ACTIVITY: Only lines holding the word "COLUMN" are needed; copy each of them from the material.
━━━━━━━━
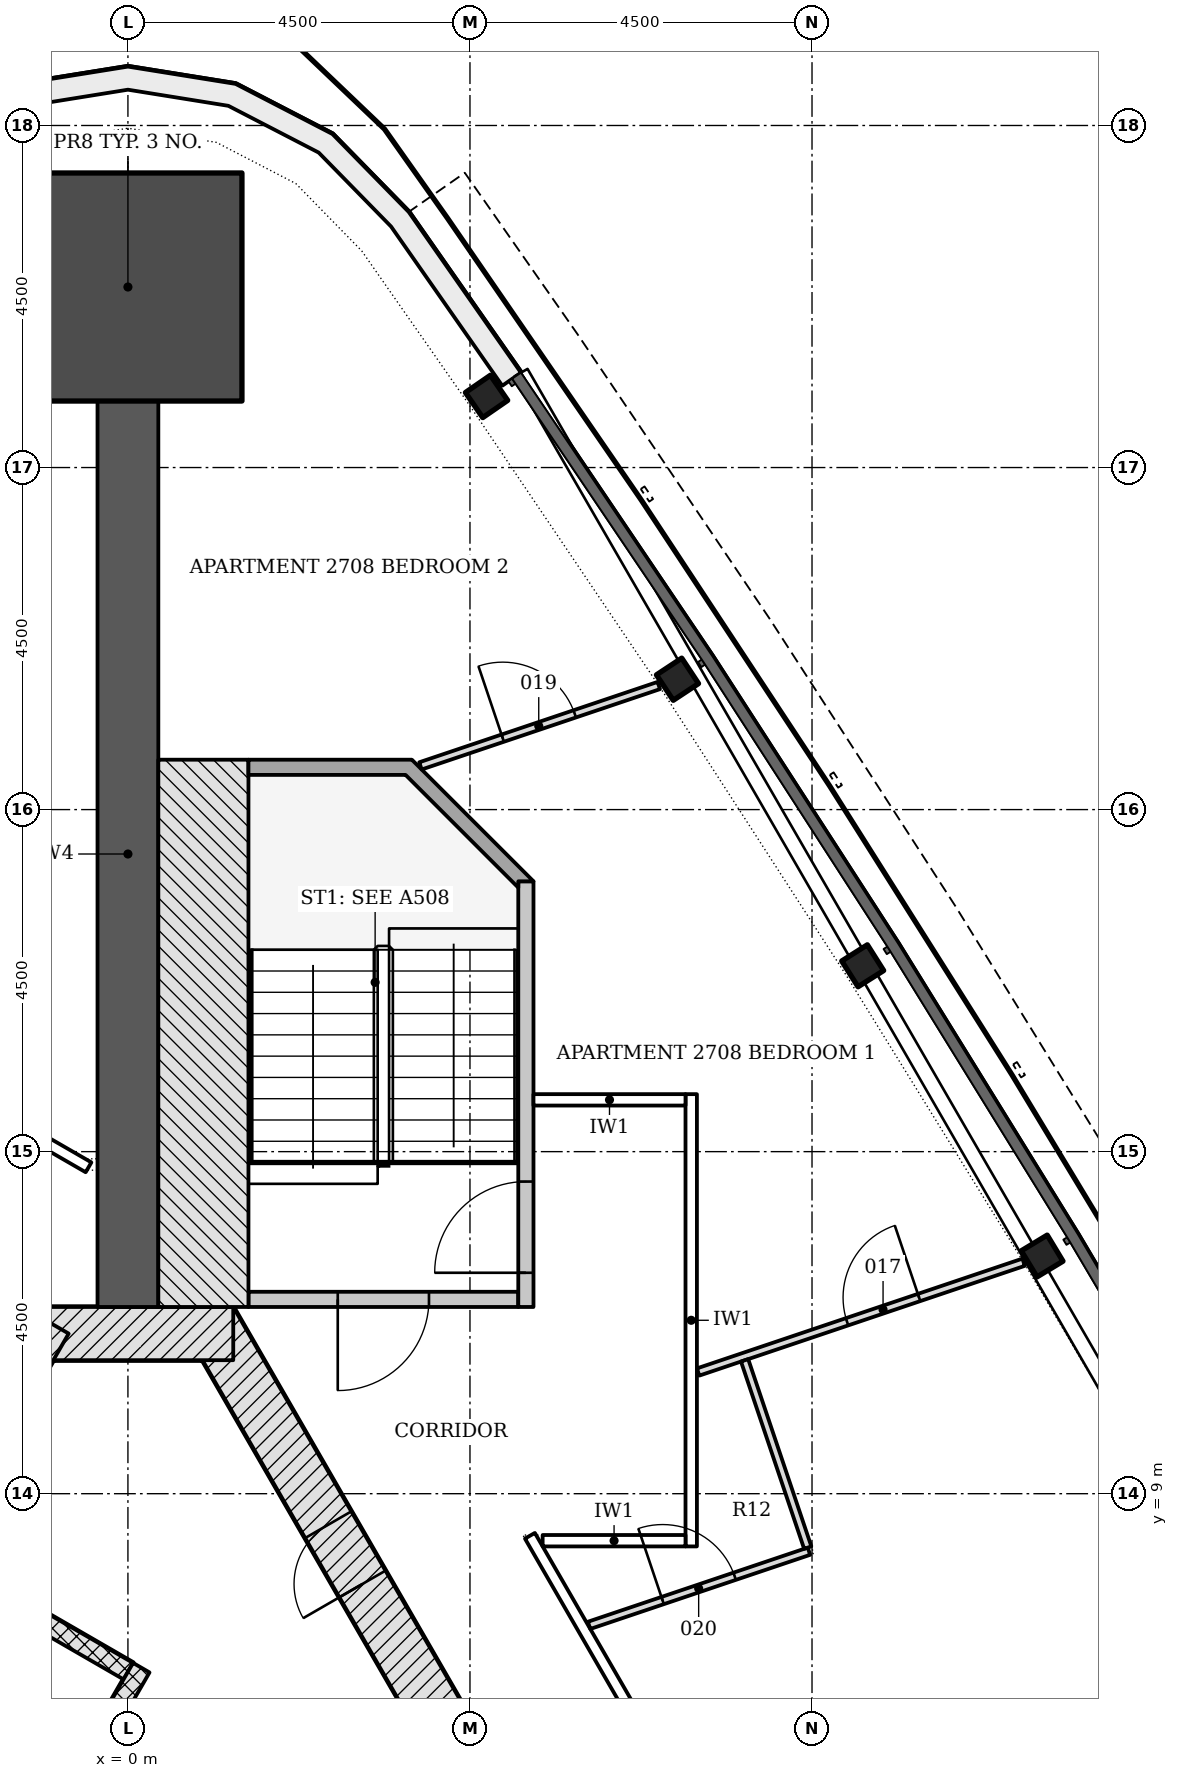
"""IFC4 building model, lengths in metres.
Left out: names, types, materials, properties, quantities, classifications, styles, units other than length and angle.
Written with IfcOpenShell. Run it as: python <this file> out.ifc"""

import sys

from ifc_helpers import new_model, si_unit, direction, frame, frame_2d, origin, origin_2d, place, context, subcontext, project, spatial, polyline, rectangle, i_section, outline, extrude, element, fill, save


model = new_model("IFC4")
c1 = context("Model", 3, precision=1e-05, world=origin(), true_north=direction((0.0, 1.0)))
c2 = subcontext(c1, "Body", "Model", "MODEL_VIEW")
j1 = project(units=[si_unit("LENGTHUNIT", "METRE"), si_unit("PLANEANGLEUNIT", "RADIAN")], contexts=[c1])
p1 = place(None, origin())
s1 = spatial("IfcSite", under=j1, at=p1, CompositionType="ELEMENT")
p2 = place(p1, origin())
s2 = spatial("IfcBuilding", under=s1, at=p2, CompositionType="ELEMENT")
p3 = place(p2, frame((0.0, 0.0, 105.9)))
s3 = spatial("IfcBuildingStorey", under=s2, at=p3, CompositionType="ELEMENT", Elevation=105.9)
p4 = place(p3, frame((10.311, -4.703, -0.2), z_axis=(0.0, 0.0, 1.0), x_axis=(-0.500001446645, 0.866024568562, 0.0)))
e1 = element("IfcWall", 1, at=p4, inside=s3, PredefinedType="SHEAR", context=c2, shape_type="SweptSolid", body=[
    extrude(rectangle(XDim=18.458, YDim=0.7, at=frame_2d((9.229, 0.0))), origin(), (0.0, 0.0, 1.0), 3.6),
])
p5 = place(p4, frame((10.5, 0.0, 0.2)))
e2 = element("IfcOpeningElement", 2, at=p5, cuts=e1, PredefinedType="OPENING", context=c2, shape_type="SweptSolid", body=[
    extrude(rectangle(XDim=1.0, YDim=2.1, at=frame_2d((0.5, 1.05))), frame((0.0, 0.36, 0.0), z_axis=(0.0, -1.0, 0.0), x_axis=(1.0, 0.0, 0.0)), (0.0, 0.0, 1.0), 0.72),
])
p6 = place(p4, frame((4.877, 0.0, 0.2)))
e3 = element("IfcOpeningElement", 3, at=p6, cuts=e1, PredefinedType="OPENING", context=c2, shape_type="SweptSolid", body=[
    extrude(rectangle(XDim=0.9, YDim=2.1, at=frame_2d((0.45, 1.05))), frame((0.0, 0.36, 0.0), z_axis=(0.0, -1.0, 0.0), x_axis=(1.0, 0.0, 0.0)), (0.0, 0.0, 1.0), 0.72),
])
p7 = place(p4, frame((14.452, 0.0, 0.2)))
e4 = element("IfcOpeningElement", 4, at=p7, cuts=e1, PredefinedType="OPENING", context=c2, shape_type="SweptSolid", body=[
    extrude(rectangle(XDim=0.9, YDim=2.1, at=frame_2d((0.45, 1.05))), frame((0.0, 0.36, 0.0), z_axis=(0.0, -1.0, 0.0), x_axis=(1.0, 0.0, 0.0)), (0.0, 0.0, 1.0), 0.72),
])
p8 = place(p3, frame((1.386, 11.106, -0.2), z_axis=(0.0, 0.0, 1.0), x_axis=(-1.0, 0.0, 0.0)))
e5 = element("IfcWall", 5, at=p8, inside=s3, PredefinedType="SHEAR", context=c2, shape_type="SweptSolid", body=[
    extrude(rectangle(XDim=2.771, YDim=0.7, at=frame_2d((1.386, 0.0))), origin(), (0.0, 0.0, 1.0), 3.6),
])
p9 = place(p3, frame((-1.083, 11.281, -0.2), z_axis=(0.0, 0.0, 1.0), x_axis=(-0.500001446645, -0.866024568562, 0.0)))
e6 = element("IfcWall", 6, at=p9, inside=s3, PredefinedType="SHEAR", context=c2, shape_type="SweptSolid", body=[
    extrude(rectangle(XDim=18.458, YDim=0.7, at=frame_2d((9.229, 0.0))), origin(), (0.0, 0.0, 1.0), 3.6),
])
p10 = place(p9, frame((8.979, 0.0, 0.2)))
e7 = element("IfcOpeningElement", 7, at=p10, cuts=e6, PredefinedType="OPENING", context=c2, shape_type="SweptSolid", body=[
    extrude(rectangle(XDim=1.2, YDim=2.1, at=frame_2d((0.6, 1.05))), frame((0.0, 0.36, 0.0), z_axis=(0.0, -1.0, 0.0), x_axis=(1.0, 0.0, 0.0)), (0.0, 0.0, 1.0), 0.72),
])
p11 = place(p9, frame((11.029, 0.0, 0.2)))
e8 = element("IfcOpeningElement", 8, at=p11, cuts=e6, PredefinedType="OPENING", context=c2, shape_type="SweptSolid", body=[
    extrude(rectangle(XDim=1.2, YDim=2.1, at=frame_2d((0.6, 1.05))), frame((0.0, 0.36, 0.0), z_axis=(0.0, -1.0, 0.0), x_axis=(1.0, 0.0, 0.0)), (0.0, 0.0, 1.0), 0.72),
])
p12 = place(p3, frame((0.0, 11.456, -0.2), z_axis=(0.0, 0.0, 1.0), x_axis=(0.0, 1.0, 0.0)))
e9 = element("IfcWall", 9, at=p12, inside=s3, PredefinedType="SHEAR", context=c2, shape_type="SweptSolid", body=[
    extrude(rectangle(XDim=11.919, YDim=0.8, at=frame_2d((5.959, 0.0))), origin(), (0.0, 0.0, 1.0), 3.6),
])
p13 = place(p3, frame((0.0, 24.875, -0.2), z_axis=(0.0, 0.0, 1.0), x_axis=(0.0, 1.0, 0.0)))
e10 = element("IfcColumn", 10, at=p13, inside=s3, PredefinedType="COLUMN", context=c2, shape_type="SweptSolid", body=[
    extrude(rectangle(XDim=3.0, YDim=3.0, at=origin_2d()), origin(), (0.0, 0.0, 1.0), 3.6),
])
for number, where, z_axis, x_axis in (
    (11, (12.027, 12.127, -0.2), (0.0, 0.0, 1.0), (-0.517, 0.856, 0.0)),
    (12, (9.667, 15.945, -0.2), (0.0, 0.0, 1.0), (-0.534, 0.845, 0.0)),
    (13, (7.23, 19.715, -0.2), (0.0, 0.0, 1.0), (-0.551, 0.834, 0.0)),
    (14, (4.718, 23.435, -0.2), (0.0, 0.0, 1.0), (-0.568, 0.823, 0.0)),
):
    element("IfcColumn", number, at=place(p3, frame(where, z_axis=z_axis, x_axis=x_axis)), inside=s3, PredefinedType="COLUMN", context=c2, shape_type="SweptSolid", body=[
        extrude(i_section(OverallWidth=0.401, OverallDepth=0.399, WebThickness=0.025, FlangeThickness=0.04, FilletRadius=0.015, at=origin_2d()), origin(), (0.0, 0.0, 1.0), 3.6),
    ])
p14 = place(p3, origin())
e15 = element("IfcWall", 15, at=p14, inside=s3, PredefinedType="NOTDEFINED", context=c2, shape_type="SweptSolid", body=[
    extrude(outline(polyline([(5.171, 23.748), (3.694, 25.863), (2.69, 26.888), (1.417, 27.547), (0.0, 27.775), (-1.417, 27.547), (-2.69, 26.888), (-3.694, 25.863), (-5.171, 23.748), (-4.925, 23.576), (-3.462, 25.67), (-2.51, 26.644), (-1.321, 27.259), (0.0, 27.471), (1.321, 27.259), (2.51, 26.644), (3.462, 25.67), (4.925, 23.576), (5.171, 23.748)])), origin(), (0.0, 0.0, 1.0), 3.3),
])
p15 = place(p3, frame((-2.506, 8.115, -0.2), z_axis=(0.0, 0.0, 1.0), x_axis=(0.865996321171, -0.50005036918, 0.0)))
e16 = element("IfcWall", 16, at=p15, inside=s3, PredefinedType="PARTITIONING", context=c2, shape_type="SweptSolid", body=[
    extrude(rectangle(XDim=2.9, YDim=0.25, at=frame_2d((1.45, 0.0))), origin(), (0.0, 0.0, 1.0), 3.6),
])
p16 = place(p3, frame((0.176, 6.711, 0.0), z_axis=(0.0, 0.0, 1.0), x_axis=(-0.500004227369, -0.866022963098, 0.0)))
e17 = element("IfcWall", 17, at=p16, inside=s3, PredefinedType="PARTITIONING", context=c2, shape_type="SweptSolid", body=[
    extrude(rectangle(XDim=11.8, YDim=0.25, at=frame_2d((5.9, 0.0))), origin(), (0.0, 0.0, 1.0), 3.4),
])
p17 = place(p3, frame((5.135, 11.556, -0.2), z_axis=(0.0, 0.0, 1.0), x_axis=(-1.0, 0.0, 0.0)))
e18 = element("IfcWall", 18, at=p17, inside=s3, PredefinedType="SHEAR", context=c2, shape_type="SweptSolid", body=[
    extrude(rectangle(XDim=3.55, YDim=0.2, at=frame_2d((1.775, 0.0))), origin(), (0.0, 0.0, 1.0), 3.6),
])
p18 = place(p17, frame((1.175, 0.0, 0.2)))
e19 = element("IfcOpeningElement", 19, at=p18, cuts=e18, PredefinedType="OPENING", context=c2, shape_type="SweptSolid", body=[
    extrude(rectangle(XDim=1.2, YDim=2.1, at=frame_2d((0.6, 1.05))), frame((0.0, 0.11, 0.0), z_axis=(0.0, -1.0, 0.0), x_axis=(1.0, 0.0, 0.0)), (0.0, 0.0, 1.0), 0.22),
])
p19 = place(p3, frame((5.236, 11.456, -0.2), z_axis=(0.0, 0.0, 1.0), x_axis=(0.0, 1.0, 0.0)))
e20 = element("IfcWall", 20, at=p19, inside=s3, PredefinedType="SHEAR", context=c2, shape_type="SweptSolid", body=[
    extrude(rectangle(XDim=5.6, YDim=0.2, at=frame_2d((2.8, 0.0))), origin(), (0.0, 0.0, 1.0), 3.6),
])
p20 = place(p19, frame((0.45, 0.0, 0.2)))
e21 = element("IfcOpeningElement", 21, at=p20, cuts=e20, PredefinedType="OPENING", context=c2, shape_type="SweptSolid", body=[
    extrude(rectangle(XDim=1.2, YDim=2.1, at=frame_2d((0.6, 1.05))), frame((0.0, 0.11, 0.0), z_axis=(0.0, -1.0, 0.0), x_axis=(1.0, 0.0, 0.0)), (0.0, 0.0, 1.0), 0.22),
])
p21 = place(p3, frame((0.993, 11.456, -0.2), z_axis=(0.0, 0.0, 1.0), x_axis=(0.0, 1.0, 0.0)))
e22 = element("IfcWall", 22, at=p21, inside=s3, PredefinedType="SHEAR", context=c2, shape_type="SweptSolid", body=[
    extrude(rectangle(XDim=7.2, YDim=1.186, at=frame_2d((3.6, 0.0))), origin(), (0.0, 0.0, 1.0), 3.6),
])
p22 = place(p3, frame((0.0, 0.0, -0.2)))
e23 = element("IfcWall", 23, at=p22, inside=s3, PredefinedType="SHEAR", context=c2, shape_type="SweptSolid", body=[
    extrude(outline(polyline([(5.336, 17.056), (3.736, 18.656), (1.586, 18.656), (1.586, 18.456), (3.653, 18.456), (5.135, 16.974), (5.135, 17.056), (5.135, 17.056), (5.135, 17.056), (5.135, 17.056), (5.135, 17.056), (5.135, 17.056), (5.135, 17.056), (5.135, 17.056), (5.135, 17.056), (5.135, 17.056), (5.135, 17.056), (5.135, 17.056), (5.135, 17.056), (5.135, 17.056), (5.135, 17.056), (5.135, 17.056), (5.135, 17.056), (5.336, 17.056)])), origin(), (0.0, 0.0, 1.0), 3.6),
])
p23 = place(p3, frame((5.289, 8.446, 0.0), z_axis=(0.0, 0.0, 1.0), x_axis=(0.499996620721, -0.866027354803, 0.0)))
e24 = element("IfcWall", 24, at=p23, inside=s3, PredefinedType="PARTITIONING", context=c2, shape_type="SweptSolid", body=[
    extrude(rectangle(XDim=15.057, YDim=0.15, at=frame_2d((7.528, 0.0))), origin(), (0.0, 0.0, 1.0), 2.847),
])
p24 = place(p23, frame((10.689, 0.0, 0.0)))
e25 = element("IfcOpeningElement", 25, at=p24, cuts=e24, PredefinedType="OPENING", context=c2, shape_type="SweptSolid", body=[
    extrude(rectangle(XDim=1.0, YDim=2.1, at=frame_2d((0.5, 1.05))), frame((0.0, 0.085, 0.0), z_axis=(0.0, -1.0, 0.0), x_axis=(1.0, 0.0, 0.0)), (0.0, 0.0, 1.0), 0.17),
])
p25 = place(p23, frame((4.695, 0.0, 0.0)))
e26 = element("IfcOpeningElement", 26, at=p25, cuts=e24, PredefinedType="OPENING", context=c2, shape_type="SweptSolid", body=[
    extrude(rectangle(XDim=1.0, YDim=2.1, at=frame_2d((0.5, 1.05))), frame((0.0, 0.085, 0.0), z_axis=(0.0, -1.0, 0.0), x_axis=(1.0, 0.0, 0.0)), (0.0, 0.0, 1.0), 0.17),
])
p26 = place(p3, frame((7.411, 8.306, 0.0), z_axis=(0.0, 0.0, 1.0), x_axis=(0.0, 1.0, 0.0)))
e27 = element("IfcWall", 27, at=p26, inside=s3, PredefinedType="PARTITIONING", context=c2, shape_type="SweptSolid", body=[
    extrude(rectangle(XDim=5.95, YDim=0.15, at=frame_2d((2.975, 0.0))), origin(), (0.0, 0.0, 1.0), 2.847),
])
p27 = place(p3, frame((-5.093, 15.935, 0.0), z_axis=(0.0, 0.0, 1.0), x_axis=(0.866033195618, -0.499986503906, 0.0)))
e28 = element("IfcWall", 28, at=p27, inside=s3, PredefinedType="PARTITIONING", context=c2, shape_type="SweptSolid", body=[
    extrude(rectangle(XDim=5.282, YDim=0.15, at=frame_2d((2.641, 0.0))), origin(), (0.0, 0.0, 1.0), 3.4),
])
p28 = place(p27, frame((1.816, 0.0, 0.0)))
e29 = element("IfcOpeningElement", 29, at=p28, cuts=e28, PredefinedType="OPENING", context=c2, shape_type="SweptSolid", body=[
    extrude(rectangle(XDim=1.5, YDim=2.1, at=frame_2d((0.75, 1.05))), frame((0.0, 0.085, 0.0), z_axis=(0.0, -1.0, 0.0), x_axis=(1.0, 0.0, 0.0)), (0.0, 0.0, 1.0), 0.17),
])
p29 = place(p3, frame((5.336, 14.181, 0.0), z_axis=(0.0, 0.0, 1.0), x_axis=(1.0, 0.0, 0.0)))
e30 = element("IfcWall", 30, at=p29, inside=s3, PredefinedType="PARTITIONING", context=c2, shape_type="SweptSolid", body=[
    extrude(rectangle(XDim=2.0, YDim=0.15, at=frame_2d((1.0, 0.0))), origin(), (0.0, 0.0, 1.0), 2.923),
])
p30 = place(p3, frame((5.456, 8.381, 0.0), z_axis=(0.0, 0.0, 1.0), x_axis=(1.0, 0.0, 0.0)))
e31 = element("IfcWall", 31, at=p30, inside=s3, PredefinedType="PARTITIONING", context=c2, shape_type="SweptSolid", body=[
    extrude(rectangle(XDim=1.88, YDim=0.15, at=frame_2d((0.94, 0.0))), origin(), (0.0, 0.0, 1.0), 2.847),
])
p31 = place(p3, frame((7.502, 10.601, 0.0), z_axis=(0.0, 0.0, 1.0), x_axis=(0.947570000993, 0.319548264303, 0.0)))
e32 = element("IfcWall", 32, at=p31, inside=s3, PredefinedType="PARTITIONING", context=c2, shape_type="SweptSolid", body=[
    extrude(rectangle(XDim=4.519, YDim=0.1, at=frame_2d((2.26, 0.0))), origin(), (0.0, 0.0, 1.0), 2.847),
])
p32 = place(p31, frame((2.068, 0.0, 0.0)))
e33 = element("IfcOpeningElement", 33, at=p32, cuts=e32, PredefinedType="OPENING", context=c2, shape_type="SweptSolid", body=[
    extrude(rectangle(XDim=1.0, YDim=2.1, at=frame_2d((0.5, 1.05))), frame((0.0, 0.06, 0.0), z_axis=(0.0, -1.0, 0.0), x_axis=(1.0, 0.0, 0.0)), (0.0, 0.0, 1.0), 0.12),
])
p33 = place(p3, frame((3.849, 18.575, 0.0), z_axis=(0.0, 0.0, 1.0), x_axis=(0.947578304543, 0.319523640375, 0.0)))
e34 = element("IfcWall", 34, at=p33, inside=s3, PredefinedType="PARTITIONING", context=c2, shape_type="SweptSolid", body=[
    extrude(rectangle(XDim=3.309, YDim=0.1, at=frame_2d((1.655, 0.0))), origin(), (0.0, 0.0, 1.0), 2.974),
])
p34 = place(p33, frame((1.142, 0.0, 0.0)))
e35 = element("IfcOpeningElement", 35, at=p34, cuts=e34, PredefinedType="OPENING", context=c2, shape_type="SweptSolid", body=[
    extrude(rectangle(XDim=1.0, YDim=2.1, at=frame_2d((0.5, 1.05))), frame((0.0, 0.06, 0.0), z_axis=(0.0, -1.0, 0.0), x_axis=(1.0, 0.0, 0.0)), (0.0, 0.0, 1.0), 0.12),
])
p35 = place(p3, frame((6.067, 7.268, 0.0), z_axis=(0.0, 0.0, 1.0), x_axis=(0.94756585242, 0.319560565978, 0.0)))
e36 = element("IfcWall", 36, at=p35, inside=s3, PredefinedType="PARTITIONING", context=c2, shape_type="SweptSolid", body=[
    extrude(rectangle(XDim=3.053, YDim=0.1, at=frame_2d((1.526, 0.0))), origin(), (0.0, 0.0, 1.0), 3.4),
])
p36 = place(p35, frame((1.021, 0.0, 0.0)))
e37 = element("IfcOpeningElement", 37, at=p36, cuts=e36, PredefinedType="OPENING", context=c2, shape_type="SweptSolid", body=[
    extrude(rectangle(XDim=1.0, YDim=2.1, at=frame_2d((0.5, 1.05))), frame((0.0, 0.06, 0.0), z_axis=(0.0, -1.0, 0.0), x_axis=(1.0, 0.0, 0.0)), (0.0, 0.0, 1.0), 0.12),
])
p37 = place(p3, frame((8.113, 10.754, 0.0), z_axis=(0.0, 0.0, 1.0), x_axis=(0.31954997077, -0.94756942552, 0.0)))
e38 = element("IfcWall", 38, at=p37, inside=s3, PredefinedType="PARTITIONING", context=c2, shape_type="SweptSolid", body=[
    extrude(rectangle(XDim=2.6, YDim=0.1, at=frame_2d((1.3, 0.0))), origin(), (0.0, 0.0, 1.0), 2.847),
])
p38 = place(p7, origin())
e39 = element("IfcDoor", 39, at=p38, inside=s3, OperationType="SINGLE_SWING_LEFT", PredefinedType="DOOR", context=c2, shape_type="SweptSolid", body=[
    extrude(rectangle(XDim=0.9, YDim=2.1, at=frame_2d((0.45, 1.05))), frame((0.0, 0.075, 0.0), z_axis=(0.0, -1.0, 0.0), x_axis=(1.0, 0.0, 0.0)), (0.0, 0.0, 1.0), 0.15),
])
fill(e4, e39)
p39 = place(p18, origin())
e40 = element("IfcDoor", 40, at=p39, inside=s3, OperationType="SINGLE_SWING_RIGHT", PredefinedType="DOOR", context=c2, shape_type="SweptSolid", body=[
    extrude(rectangle(XDim=1.2, YDim=2.1, at=frame_2d((0.6, 1.05))), frame((0.0, 0.025, 0.0), z_axis=(0.0, -1.0, 0.0), x_axis=(1.0, 0.0, 0.0)), (0.0, 0.0, 1.0), 0.05),
])
fill(e19, e40)
p40 = place(p20, origin())
e41 = element("IfcDoor", 41, at=p40, inside=s3, OperationType="SINGLE_SWING_LEFT", PredefinedType="DOOR", context=c2, shape_type="SweptSolid", body=[
    extrude(rectangle(XDim=1.2, YDim=2.1, at=frame_2d((0.6, 1.05))), frame((0.0, 0.025, 0.0), z_axis=(0.0, -1.0, 0.0), x_axis=(1.0, 0.0, 0.0)), (0.0, 0.0, 1.0), 0.05),
])
fill(e21, e41)
p41 = place(p32, origin())
e42 = element("IfcDoor", 42, at=p41, inside=s3, OperationType="SINGLE_SWING_RIGHT", PredefinedType="DOOR", context=c2, shape_type="SweptSolid", body=[
    extrude(rectangle(XDim=1.0, YDim=2.1, at=frame_2d((0.5, 1.05))), frame((0.0, 0.025, 0.0), z_axis=(0.0, -1.0, 0.0), x_axis=(1.0, 0.0, 0.0)), (0.0, 0.0, 1.0), 0.05),
])
fill(e33, e42)
p42 = place(p34, origin())
e43 = element("IfcDoor", 43, at=p42, inside=s3, OperationType="SINGLE_SWING_LEFT", PredefinedType="DOOR", context=c2, shape_type="SweptSolid", body=[
    extrude(rectangle(XDim=1.0, YDim=2.1, at=frame_2d((0.5, 1.05))), frame((0.0, 0.025, 0.0), z_axis=(0.0, -1.0, 0.0), x_axis=(1.0, 0.0, 0.0)), (0.0, 0.0, 1.0), 0.05),
])
fill(e35, e43)
p43 = place(p36, origin())
e44 = element("IfcDoor", 44, at=p43, inside=s3, OperationType="SINGLE_SWING_LEFT", PredefinedType="DOOR", context=c2, shape_type="SweptSolid", body=[
    extrude(rectangle(XDim=1.0, YDim=2.1, at=frame_2d((0.5, 1.05))), frame((0.0, 0.025, 0.0), z_axis=(0.0, -1.0, 0.0), x_axis=(1.0, 0.0, 0.0)), (0.0, 0.0, 1.0), 0.05),
])
fill(e37, e44)
save(model, sys.argv[1])
━━━━━━━━
TASK OUTPUT:
e10 = element("IfcColumn", 10, at=p13, inside=s3, PredefinedType="COLUMN", context=c2, shape_type="SweptSolid", body=[
    element("IfcColumn", number, at=place(p3, frame(where, z_axis=z_axis, x_axis=x_axis)), inside=s3, PredefinedType="COLUMN", context=c2, shape_type="SweptSolid", body=[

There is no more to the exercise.